TASK DESCRIPTION: In the entries below, how many lines contain the string "import"? State the number and nothing else.

TASK DATA:
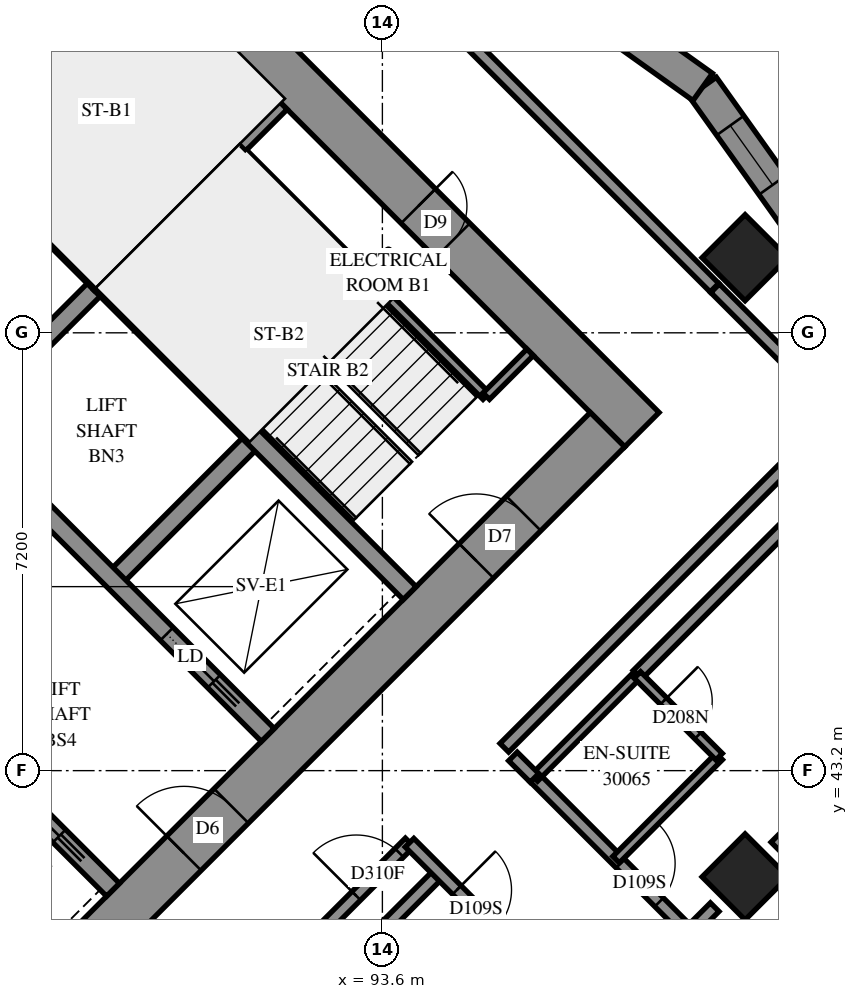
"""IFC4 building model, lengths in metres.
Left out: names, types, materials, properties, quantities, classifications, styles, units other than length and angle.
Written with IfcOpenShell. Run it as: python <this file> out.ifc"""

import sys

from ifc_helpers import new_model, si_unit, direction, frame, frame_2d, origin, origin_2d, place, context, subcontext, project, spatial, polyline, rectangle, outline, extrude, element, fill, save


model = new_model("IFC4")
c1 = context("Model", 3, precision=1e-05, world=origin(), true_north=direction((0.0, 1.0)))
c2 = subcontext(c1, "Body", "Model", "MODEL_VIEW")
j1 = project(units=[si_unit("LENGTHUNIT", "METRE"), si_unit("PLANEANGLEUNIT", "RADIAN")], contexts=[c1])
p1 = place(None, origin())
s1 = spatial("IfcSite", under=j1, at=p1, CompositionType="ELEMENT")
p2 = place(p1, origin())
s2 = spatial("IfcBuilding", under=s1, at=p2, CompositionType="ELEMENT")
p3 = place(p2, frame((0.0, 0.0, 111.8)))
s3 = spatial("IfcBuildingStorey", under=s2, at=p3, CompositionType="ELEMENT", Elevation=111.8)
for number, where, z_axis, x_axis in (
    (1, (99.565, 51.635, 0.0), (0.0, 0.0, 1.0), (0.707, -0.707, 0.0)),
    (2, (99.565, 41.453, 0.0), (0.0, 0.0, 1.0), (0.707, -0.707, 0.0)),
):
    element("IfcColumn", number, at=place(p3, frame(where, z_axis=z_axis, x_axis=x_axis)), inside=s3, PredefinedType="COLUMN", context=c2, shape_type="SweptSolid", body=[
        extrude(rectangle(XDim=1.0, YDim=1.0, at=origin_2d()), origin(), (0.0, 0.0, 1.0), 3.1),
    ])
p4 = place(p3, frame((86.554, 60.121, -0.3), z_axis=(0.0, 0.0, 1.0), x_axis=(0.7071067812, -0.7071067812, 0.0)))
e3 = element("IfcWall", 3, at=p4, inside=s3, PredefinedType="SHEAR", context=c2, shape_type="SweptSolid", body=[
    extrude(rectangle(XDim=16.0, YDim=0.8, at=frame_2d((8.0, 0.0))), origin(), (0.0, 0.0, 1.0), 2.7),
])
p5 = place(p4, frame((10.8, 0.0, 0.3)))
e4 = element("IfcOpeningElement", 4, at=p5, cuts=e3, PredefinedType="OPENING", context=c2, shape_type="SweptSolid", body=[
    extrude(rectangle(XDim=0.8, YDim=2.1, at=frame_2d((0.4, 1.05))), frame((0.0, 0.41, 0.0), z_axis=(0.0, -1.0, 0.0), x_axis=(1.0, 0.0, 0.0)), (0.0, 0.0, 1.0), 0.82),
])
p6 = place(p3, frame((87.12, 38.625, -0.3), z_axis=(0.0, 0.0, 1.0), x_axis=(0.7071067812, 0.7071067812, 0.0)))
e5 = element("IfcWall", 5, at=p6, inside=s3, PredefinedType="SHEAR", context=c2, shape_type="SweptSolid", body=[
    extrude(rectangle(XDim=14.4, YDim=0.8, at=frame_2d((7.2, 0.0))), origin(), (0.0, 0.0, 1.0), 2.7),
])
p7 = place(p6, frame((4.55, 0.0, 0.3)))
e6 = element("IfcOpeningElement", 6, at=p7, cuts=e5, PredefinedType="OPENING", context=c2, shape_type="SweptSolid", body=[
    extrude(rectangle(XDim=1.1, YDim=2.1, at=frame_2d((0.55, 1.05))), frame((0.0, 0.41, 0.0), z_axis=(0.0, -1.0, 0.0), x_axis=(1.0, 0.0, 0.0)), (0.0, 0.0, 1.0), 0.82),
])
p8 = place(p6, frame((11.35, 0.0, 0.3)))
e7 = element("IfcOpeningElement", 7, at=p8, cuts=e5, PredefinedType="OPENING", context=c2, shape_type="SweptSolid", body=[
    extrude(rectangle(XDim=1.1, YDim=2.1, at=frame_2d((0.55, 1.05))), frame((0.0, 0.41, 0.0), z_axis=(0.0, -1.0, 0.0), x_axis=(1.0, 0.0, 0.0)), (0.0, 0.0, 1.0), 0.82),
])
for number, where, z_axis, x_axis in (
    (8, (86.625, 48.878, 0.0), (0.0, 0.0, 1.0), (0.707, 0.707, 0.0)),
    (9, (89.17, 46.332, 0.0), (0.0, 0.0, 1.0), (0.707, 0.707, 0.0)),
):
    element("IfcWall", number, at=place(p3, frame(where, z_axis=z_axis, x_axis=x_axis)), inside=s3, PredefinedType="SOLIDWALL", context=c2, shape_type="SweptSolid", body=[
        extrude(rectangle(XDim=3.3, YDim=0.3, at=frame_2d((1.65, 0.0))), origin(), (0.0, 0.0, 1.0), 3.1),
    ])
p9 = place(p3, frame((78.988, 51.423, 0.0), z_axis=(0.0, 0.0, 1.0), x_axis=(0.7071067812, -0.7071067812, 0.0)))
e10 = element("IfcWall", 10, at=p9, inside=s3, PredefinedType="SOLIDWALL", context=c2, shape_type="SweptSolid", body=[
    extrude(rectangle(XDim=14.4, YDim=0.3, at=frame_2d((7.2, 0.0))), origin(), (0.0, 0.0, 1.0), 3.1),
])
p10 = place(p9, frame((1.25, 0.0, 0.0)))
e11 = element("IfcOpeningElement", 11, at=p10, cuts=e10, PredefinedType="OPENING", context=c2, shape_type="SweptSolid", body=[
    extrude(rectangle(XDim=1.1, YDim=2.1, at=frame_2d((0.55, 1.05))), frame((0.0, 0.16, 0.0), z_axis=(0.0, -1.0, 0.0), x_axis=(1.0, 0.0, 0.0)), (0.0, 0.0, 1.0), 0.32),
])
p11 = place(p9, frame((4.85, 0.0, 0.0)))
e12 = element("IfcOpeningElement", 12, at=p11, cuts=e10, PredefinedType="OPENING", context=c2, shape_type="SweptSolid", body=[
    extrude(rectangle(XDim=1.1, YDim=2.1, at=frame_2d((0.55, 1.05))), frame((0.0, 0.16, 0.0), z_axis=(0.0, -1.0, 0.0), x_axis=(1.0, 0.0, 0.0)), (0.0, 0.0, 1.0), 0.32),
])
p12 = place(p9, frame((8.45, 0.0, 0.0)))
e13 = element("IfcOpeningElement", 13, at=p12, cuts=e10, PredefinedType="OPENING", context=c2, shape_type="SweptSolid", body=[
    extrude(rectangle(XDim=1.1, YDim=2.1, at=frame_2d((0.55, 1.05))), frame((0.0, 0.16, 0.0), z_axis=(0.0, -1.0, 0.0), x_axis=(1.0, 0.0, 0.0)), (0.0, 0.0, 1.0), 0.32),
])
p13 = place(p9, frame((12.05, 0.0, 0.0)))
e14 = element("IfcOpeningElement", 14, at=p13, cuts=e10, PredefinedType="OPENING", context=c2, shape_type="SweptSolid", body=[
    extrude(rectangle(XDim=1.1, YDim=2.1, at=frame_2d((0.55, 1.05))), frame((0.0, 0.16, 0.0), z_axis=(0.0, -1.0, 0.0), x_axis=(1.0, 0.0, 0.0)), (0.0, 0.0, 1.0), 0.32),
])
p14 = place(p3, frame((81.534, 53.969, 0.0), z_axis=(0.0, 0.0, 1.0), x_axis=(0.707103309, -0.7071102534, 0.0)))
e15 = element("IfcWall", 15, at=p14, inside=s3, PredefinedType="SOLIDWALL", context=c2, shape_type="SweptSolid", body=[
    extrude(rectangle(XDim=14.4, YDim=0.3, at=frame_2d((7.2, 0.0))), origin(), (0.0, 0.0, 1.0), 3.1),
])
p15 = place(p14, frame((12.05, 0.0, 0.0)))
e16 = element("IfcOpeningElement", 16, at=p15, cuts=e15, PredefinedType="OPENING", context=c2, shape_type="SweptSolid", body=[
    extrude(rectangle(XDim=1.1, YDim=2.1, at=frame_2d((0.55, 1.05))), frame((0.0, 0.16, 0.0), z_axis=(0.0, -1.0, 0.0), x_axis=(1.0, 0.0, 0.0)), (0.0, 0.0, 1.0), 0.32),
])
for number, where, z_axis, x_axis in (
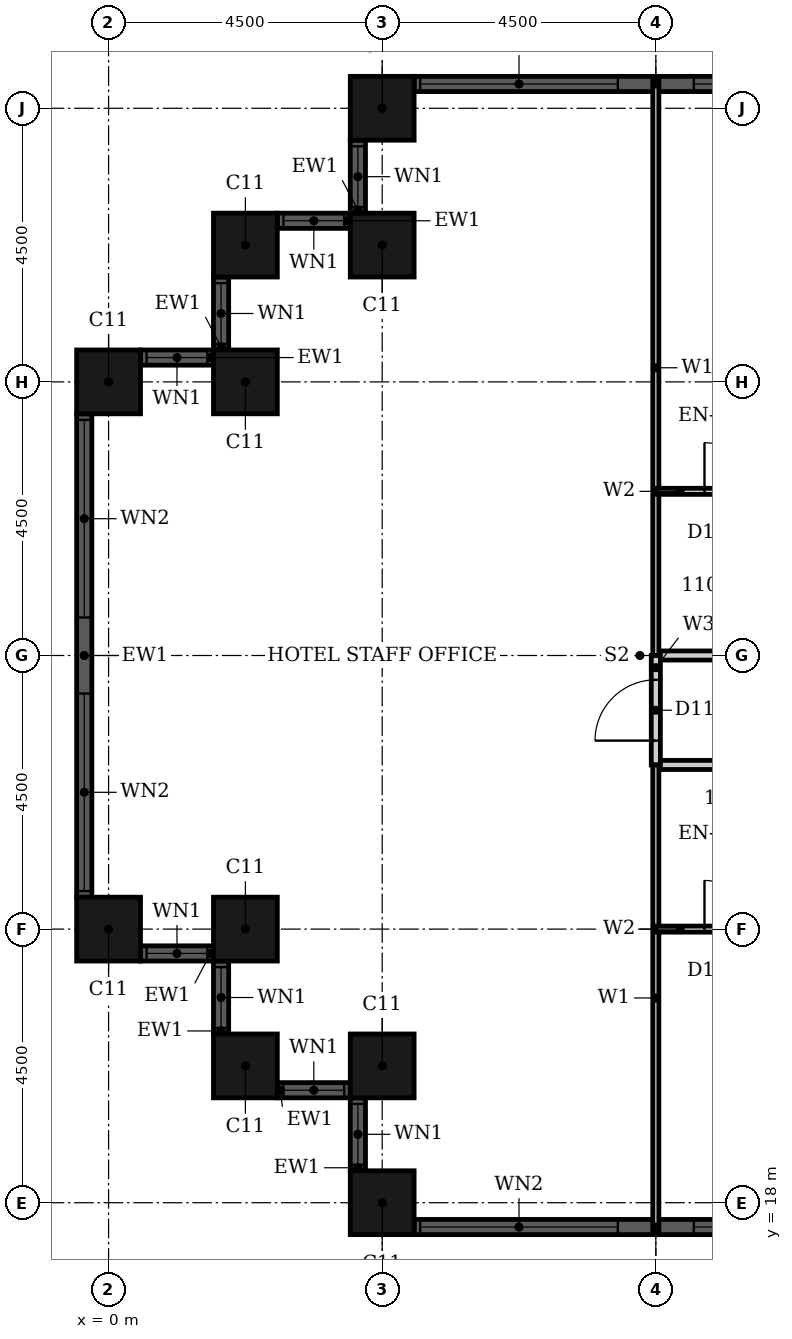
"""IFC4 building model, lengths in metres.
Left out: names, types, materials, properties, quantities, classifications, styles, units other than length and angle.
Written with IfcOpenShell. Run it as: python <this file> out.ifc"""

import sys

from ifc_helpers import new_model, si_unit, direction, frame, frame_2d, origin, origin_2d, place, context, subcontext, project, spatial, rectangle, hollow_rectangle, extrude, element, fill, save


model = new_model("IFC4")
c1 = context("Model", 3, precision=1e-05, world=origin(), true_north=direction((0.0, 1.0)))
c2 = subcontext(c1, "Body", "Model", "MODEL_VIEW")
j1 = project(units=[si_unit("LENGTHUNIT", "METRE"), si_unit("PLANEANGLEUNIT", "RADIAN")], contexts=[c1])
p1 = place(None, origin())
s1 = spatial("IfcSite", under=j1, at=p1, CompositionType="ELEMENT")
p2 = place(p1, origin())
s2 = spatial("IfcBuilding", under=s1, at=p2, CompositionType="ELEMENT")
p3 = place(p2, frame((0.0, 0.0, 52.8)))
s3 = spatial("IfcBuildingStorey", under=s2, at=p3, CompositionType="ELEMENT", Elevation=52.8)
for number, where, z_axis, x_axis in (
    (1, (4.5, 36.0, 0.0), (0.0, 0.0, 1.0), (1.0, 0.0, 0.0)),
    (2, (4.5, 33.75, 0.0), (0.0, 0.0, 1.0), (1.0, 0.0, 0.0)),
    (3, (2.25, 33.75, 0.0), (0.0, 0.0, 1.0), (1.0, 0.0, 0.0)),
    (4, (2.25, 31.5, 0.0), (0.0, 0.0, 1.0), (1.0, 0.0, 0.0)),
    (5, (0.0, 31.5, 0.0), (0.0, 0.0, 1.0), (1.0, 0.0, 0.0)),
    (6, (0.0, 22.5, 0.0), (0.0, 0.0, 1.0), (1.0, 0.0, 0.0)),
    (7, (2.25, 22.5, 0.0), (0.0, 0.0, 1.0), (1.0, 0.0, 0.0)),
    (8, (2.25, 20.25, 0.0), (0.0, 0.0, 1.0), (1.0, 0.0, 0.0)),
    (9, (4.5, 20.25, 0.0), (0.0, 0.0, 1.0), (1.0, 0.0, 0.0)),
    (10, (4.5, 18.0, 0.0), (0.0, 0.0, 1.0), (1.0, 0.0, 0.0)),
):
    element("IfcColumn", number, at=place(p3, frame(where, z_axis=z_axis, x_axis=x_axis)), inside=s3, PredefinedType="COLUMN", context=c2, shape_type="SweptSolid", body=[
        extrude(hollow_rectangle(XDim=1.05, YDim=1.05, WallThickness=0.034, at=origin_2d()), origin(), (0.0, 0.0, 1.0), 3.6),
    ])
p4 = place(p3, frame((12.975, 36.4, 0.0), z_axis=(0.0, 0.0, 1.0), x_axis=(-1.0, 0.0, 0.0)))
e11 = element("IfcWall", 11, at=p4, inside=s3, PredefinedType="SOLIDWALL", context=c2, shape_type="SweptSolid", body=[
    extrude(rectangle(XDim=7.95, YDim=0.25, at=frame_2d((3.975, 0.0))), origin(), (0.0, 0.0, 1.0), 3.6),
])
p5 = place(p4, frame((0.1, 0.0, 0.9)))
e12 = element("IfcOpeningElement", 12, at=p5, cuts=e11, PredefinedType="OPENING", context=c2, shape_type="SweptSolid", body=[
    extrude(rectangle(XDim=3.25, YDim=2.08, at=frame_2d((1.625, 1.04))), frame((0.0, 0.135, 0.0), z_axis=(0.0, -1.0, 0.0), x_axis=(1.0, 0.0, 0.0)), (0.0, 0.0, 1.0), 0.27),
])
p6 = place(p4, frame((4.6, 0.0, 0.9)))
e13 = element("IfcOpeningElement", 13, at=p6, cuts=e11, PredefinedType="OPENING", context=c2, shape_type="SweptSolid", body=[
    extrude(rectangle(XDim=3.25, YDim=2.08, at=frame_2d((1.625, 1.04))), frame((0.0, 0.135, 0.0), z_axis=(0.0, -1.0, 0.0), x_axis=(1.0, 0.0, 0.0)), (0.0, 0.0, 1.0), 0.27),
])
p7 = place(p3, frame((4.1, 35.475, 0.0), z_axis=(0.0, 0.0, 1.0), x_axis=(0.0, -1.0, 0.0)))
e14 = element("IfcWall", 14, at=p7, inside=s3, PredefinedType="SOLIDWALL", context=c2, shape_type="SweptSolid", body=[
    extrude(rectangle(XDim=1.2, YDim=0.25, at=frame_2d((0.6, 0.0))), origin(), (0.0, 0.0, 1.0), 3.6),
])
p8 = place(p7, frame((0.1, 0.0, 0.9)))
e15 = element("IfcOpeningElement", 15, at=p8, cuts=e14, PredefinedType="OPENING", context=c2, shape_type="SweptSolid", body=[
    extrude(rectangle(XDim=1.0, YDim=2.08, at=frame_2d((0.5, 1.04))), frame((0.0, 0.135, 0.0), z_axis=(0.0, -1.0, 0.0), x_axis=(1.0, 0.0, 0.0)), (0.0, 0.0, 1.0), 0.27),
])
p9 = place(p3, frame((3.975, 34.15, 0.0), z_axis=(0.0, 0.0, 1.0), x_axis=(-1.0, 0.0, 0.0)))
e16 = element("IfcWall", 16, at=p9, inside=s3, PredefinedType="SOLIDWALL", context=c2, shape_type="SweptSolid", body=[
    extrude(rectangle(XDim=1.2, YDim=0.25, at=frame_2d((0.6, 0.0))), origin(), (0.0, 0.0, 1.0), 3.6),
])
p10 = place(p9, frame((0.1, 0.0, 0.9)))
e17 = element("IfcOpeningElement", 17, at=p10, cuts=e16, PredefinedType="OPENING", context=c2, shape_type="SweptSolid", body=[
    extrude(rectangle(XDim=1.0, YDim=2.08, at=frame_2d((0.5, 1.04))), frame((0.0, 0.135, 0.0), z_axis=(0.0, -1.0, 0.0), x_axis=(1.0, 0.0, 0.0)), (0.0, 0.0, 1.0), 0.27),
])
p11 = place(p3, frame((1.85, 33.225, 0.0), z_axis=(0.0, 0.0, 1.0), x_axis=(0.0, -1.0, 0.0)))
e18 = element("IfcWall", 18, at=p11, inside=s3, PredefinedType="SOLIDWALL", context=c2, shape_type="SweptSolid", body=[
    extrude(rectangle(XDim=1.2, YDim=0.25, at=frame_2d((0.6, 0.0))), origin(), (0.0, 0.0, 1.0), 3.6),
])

RESPONSE TO THIS EXERCISE: 4